_Work instructions_
Consider the material that follows. How many of its lines contain "spatial"? Reply with the number alone.

_Supplied records_
..........
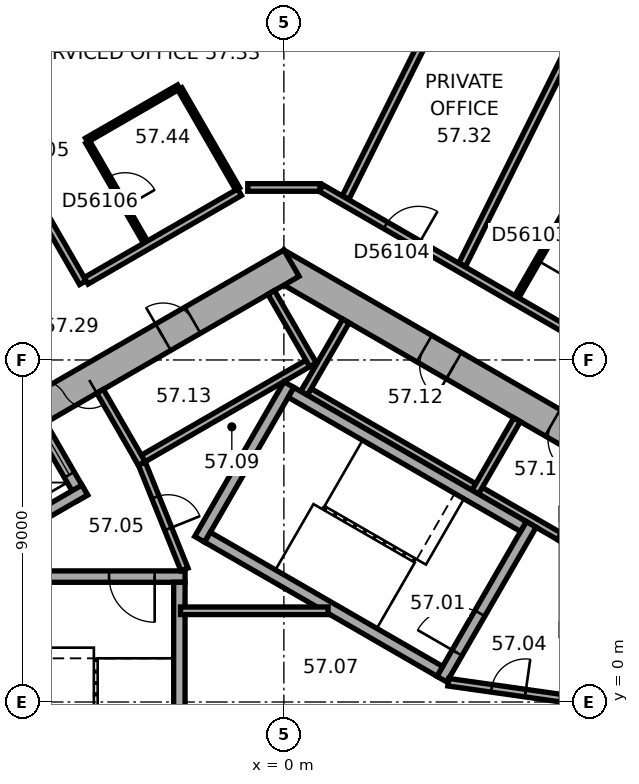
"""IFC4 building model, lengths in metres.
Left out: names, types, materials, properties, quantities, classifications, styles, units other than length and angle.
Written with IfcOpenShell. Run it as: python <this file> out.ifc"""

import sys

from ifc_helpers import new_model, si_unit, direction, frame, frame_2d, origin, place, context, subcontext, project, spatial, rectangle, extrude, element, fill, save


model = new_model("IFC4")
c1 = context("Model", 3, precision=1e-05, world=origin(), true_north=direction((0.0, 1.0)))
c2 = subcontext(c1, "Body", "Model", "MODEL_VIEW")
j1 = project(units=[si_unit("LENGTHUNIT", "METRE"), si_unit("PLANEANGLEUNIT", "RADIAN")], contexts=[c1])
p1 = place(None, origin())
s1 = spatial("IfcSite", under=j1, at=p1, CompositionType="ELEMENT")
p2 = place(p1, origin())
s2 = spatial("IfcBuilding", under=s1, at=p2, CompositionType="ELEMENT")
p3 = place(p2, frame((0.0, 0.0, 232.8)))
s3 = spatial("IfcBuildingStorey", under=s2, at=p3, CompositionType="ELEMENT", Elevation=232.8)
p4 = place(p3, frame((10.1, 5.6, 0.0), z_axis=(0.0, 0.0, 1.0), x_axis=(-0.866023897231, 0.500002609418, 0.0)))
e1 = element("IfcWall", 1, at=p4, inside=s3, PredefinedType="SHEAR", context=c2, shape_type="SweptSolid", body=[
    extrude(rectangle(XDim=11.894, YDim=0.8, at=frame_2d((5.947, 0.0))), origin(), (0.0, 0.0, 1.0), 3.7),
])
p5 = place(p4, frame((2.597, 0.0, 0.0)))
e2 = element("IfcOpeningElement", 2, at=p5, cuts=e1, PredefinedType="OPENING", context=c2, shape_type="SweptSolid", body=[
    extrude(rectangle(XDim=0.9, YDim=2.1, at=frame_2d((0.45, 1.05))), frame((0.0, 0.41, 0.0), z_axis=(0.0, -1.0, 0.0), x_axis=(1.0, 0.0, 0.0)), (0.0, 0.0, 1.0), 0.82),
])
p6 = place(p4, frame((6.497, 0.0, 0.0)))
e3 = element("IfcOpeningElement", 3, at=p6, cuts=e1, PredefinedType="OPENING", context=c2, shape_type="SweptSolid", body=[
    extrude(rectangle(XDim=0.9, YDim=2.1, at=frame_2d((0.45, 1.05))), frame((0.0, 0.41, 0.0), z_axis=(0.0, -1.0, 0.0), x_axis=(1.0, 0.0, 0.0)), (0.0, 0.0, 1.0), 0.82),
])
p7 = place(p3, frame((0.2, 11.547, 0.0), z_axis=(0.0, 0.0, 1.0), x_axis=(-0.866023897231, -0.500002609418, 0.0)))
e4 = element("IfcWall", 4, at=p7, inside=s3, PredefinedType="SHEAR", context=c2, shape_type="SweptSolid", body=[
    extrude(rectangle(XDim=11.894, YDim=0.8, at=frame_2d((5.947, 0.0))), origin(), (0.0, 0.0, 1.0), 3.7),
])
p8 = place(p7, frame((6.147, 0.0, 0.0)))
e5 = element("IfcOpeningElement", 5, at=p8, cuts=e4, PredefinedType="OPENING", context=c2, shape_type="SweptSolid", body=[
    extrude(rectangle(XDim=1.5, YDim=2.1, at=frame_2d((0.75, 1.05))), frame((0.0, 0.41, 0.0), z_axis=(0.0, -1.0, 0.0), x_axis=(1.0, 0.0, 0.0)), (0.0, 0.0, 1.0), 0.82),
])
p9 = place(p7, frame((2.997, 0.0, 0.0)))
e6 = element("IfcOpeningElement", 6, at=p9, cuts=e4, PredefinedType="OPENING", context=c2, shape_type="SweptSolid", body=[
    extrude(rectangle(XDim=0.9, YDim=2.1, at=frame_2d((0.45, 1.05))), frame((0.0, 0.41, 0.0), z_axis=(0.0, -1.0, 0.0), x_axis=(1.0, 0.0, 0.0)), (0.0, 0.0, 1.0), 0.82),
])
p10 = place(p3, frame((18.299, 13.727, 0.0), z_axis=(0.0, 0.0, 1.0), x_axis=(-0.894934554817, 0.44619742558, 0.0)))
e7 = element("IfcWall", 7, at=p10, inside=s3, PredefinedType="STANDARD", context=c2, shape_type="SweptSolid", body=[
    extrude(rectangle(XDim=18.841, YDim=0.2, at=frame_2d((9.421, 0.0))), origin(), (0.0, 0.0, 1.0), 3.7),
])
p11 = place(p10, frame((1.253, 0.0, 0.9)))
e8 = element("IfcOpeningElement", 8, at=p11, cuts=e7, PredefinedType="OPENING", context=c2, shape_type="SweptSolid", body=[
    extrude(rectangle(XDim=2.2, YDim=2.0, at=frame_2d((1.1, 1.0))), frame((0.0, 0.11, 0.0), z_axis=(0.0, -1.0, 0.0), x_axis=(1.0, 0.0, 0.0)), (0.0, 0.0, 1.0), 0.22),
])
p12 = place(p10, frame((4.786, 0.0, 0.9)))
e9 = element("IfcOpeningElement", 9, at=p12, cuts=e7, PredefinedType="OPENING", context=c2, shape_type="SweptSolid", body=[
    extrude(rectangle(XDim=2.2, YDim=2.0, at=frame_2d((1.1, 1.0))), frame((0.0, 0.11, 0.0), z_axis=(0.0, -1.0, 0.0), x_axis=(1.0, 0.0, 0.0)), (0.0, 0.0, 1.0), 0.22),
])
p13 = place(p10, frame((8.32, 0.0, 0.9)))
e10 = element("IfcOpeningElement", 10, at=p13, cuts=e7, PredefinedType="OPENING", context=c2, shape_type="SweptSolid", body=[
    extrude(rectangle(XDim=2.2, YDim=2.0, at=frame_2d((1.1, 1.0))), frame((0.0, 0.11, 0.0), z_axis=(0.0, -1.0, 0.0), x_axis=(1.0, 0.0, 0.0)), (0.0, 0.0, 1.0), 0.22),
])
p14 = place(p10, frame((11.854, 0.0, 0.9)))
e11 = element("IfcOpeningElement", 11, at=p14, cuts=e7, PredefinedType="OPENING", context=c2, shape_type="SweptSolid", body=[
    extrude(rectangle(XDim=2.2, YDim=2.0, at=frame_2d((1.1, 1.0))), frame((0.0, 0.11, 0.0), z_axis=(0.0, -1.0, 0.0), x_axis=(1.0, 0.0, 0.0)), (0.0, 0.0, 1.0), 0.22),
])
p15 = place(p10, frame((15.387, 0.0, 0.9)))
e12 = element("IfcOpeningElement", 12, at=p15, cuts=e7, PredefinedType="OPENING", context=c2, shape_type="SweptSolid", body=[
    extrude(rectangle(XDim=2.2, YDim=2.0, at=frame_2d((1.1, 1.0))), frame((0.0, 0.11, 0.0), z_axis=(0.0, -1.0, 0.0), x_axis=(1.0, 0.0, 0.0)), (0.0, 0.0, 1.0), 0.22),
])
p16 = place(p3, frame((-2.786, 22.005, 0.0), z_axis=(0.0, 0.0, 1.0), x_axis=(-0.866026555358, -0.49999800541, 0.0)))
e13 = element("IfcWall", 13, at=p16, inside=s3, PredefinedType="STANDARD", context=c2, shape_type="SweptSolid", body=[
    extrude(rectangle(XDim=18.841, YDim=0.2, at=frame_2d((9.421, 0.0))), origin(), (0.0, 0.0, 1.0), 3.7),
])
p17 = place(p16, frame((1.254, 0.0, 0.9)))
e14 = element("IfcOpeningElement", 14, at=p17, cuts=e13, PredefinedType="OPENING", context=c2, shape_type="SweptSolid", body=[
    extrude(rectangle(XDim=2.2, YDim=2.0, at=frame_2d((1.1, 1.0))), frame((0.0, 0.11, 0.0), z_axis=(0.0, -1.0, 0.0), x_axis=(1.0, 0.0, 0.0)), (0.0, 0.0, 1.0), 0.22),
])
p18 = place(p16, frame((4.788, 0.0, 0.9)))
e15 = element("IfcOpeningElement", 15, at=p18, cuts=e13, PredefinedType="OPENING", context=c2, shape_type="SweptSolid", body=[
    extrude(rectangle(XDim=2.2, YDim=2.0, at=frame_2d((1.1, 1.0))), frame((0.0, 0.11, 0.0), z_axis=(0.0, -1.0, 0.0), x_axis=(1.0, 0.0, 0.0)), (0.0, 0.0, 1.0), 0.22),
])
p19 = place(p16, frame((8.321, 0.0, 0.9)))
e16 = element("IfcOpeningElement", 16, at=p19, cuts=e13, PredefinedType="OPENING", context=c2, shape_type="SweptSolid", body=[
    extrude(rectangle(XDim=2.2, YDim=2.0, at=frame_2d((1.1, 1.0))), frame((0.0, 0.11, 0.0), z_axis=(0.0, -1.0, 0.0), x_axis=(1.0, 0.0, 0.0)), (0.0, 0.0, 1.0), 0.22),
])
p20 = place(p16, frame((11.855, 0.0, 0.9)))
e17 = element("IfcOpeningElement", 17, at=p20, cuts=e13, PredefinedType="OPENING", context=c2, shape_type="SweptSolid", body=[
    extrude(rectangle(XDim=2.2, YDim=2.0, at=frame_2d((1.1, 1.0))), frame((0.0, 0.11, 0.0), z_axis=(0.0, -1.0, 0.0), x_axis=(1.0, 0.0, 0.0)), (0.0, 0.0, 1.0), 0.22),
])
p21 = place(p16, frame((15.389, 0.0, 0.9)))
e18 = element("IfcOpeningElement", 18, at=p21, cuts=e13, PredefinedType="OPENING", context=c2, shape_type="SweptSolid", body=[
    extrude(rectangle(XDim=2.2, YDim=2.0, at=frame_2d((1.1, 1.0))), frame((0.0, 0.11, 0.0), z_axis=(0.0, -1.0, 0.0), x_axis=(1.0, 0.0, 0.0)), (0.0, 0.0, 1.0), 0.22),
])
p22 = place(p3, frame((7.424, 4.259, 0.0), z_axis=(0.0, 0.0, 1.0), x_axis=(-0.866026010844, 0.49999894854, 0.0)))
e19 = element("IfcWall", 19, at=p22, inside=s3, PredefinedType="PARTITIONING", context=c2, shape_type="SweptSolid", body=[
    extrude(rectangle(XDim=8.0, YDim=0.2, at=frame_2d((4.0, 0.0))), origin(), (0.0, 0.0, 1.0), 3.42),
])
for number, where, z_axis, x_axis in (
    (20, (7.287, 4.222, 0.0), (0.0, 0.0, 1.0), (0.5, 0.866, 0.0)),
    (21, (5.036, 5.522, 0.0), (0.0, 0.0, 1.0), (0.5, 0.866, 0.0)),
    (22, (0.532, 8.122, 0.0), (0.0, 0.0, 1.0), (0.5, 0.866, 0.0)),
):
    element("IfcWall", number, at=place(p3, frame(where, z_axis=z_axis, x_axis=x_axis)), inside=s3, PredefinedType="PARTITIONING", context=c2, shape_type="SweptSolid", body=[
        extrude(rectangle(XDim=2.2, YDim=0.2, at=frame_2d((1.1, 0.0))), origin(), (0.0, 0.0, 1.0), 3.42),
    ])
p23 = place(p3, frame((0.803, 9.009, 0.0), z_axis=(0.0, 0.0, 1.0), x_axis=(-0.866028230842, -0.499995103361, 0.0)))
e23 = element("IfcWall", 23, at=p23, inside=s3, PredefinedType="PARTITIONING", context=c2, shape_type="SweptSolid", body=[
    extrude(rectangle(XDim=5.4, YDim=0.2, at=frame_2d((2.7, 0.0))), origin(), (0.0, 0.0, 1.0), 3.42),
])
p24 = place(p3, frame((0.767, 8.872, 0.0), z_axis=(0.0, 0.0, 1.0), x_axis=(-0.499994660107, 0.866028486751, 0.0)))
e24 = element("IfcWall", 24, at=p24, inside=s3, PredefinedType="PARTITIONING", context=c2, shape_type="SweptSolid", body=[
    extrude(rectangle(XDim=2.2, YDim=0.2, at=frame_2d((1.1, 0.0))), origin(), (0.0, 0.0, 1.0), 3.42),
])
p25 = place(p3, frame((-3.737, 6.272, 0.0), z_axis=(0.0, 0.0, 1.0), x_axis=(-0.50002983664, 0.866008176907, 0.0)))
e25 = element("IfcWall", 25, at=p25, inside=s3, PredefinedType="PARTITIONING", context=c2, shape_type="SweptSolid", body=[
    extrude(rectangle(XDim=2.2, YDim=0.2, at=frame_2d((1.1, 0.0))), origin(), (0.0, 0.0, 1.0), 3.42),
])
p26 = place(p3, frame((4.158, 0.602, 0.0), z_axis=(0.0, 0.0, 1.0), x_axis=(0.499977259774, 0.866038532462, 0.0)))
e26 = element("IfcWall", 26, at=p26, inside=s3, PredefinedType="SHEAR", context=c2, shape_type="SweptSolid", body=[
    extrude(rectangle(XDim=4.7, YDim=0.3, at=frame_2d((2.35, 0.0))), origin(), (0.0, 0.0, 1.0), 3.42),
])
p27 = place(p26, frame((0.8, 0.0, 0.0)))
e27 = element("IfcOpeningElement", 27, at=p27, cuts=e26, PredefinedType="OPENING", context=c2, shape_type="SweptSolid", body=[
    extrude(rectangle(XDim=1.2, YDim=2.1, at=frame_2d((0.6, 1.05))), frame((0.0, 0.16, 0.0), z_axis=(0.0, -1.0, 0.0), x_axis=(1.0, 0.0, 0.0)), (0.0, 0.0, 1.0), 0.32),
..........
_Response_
4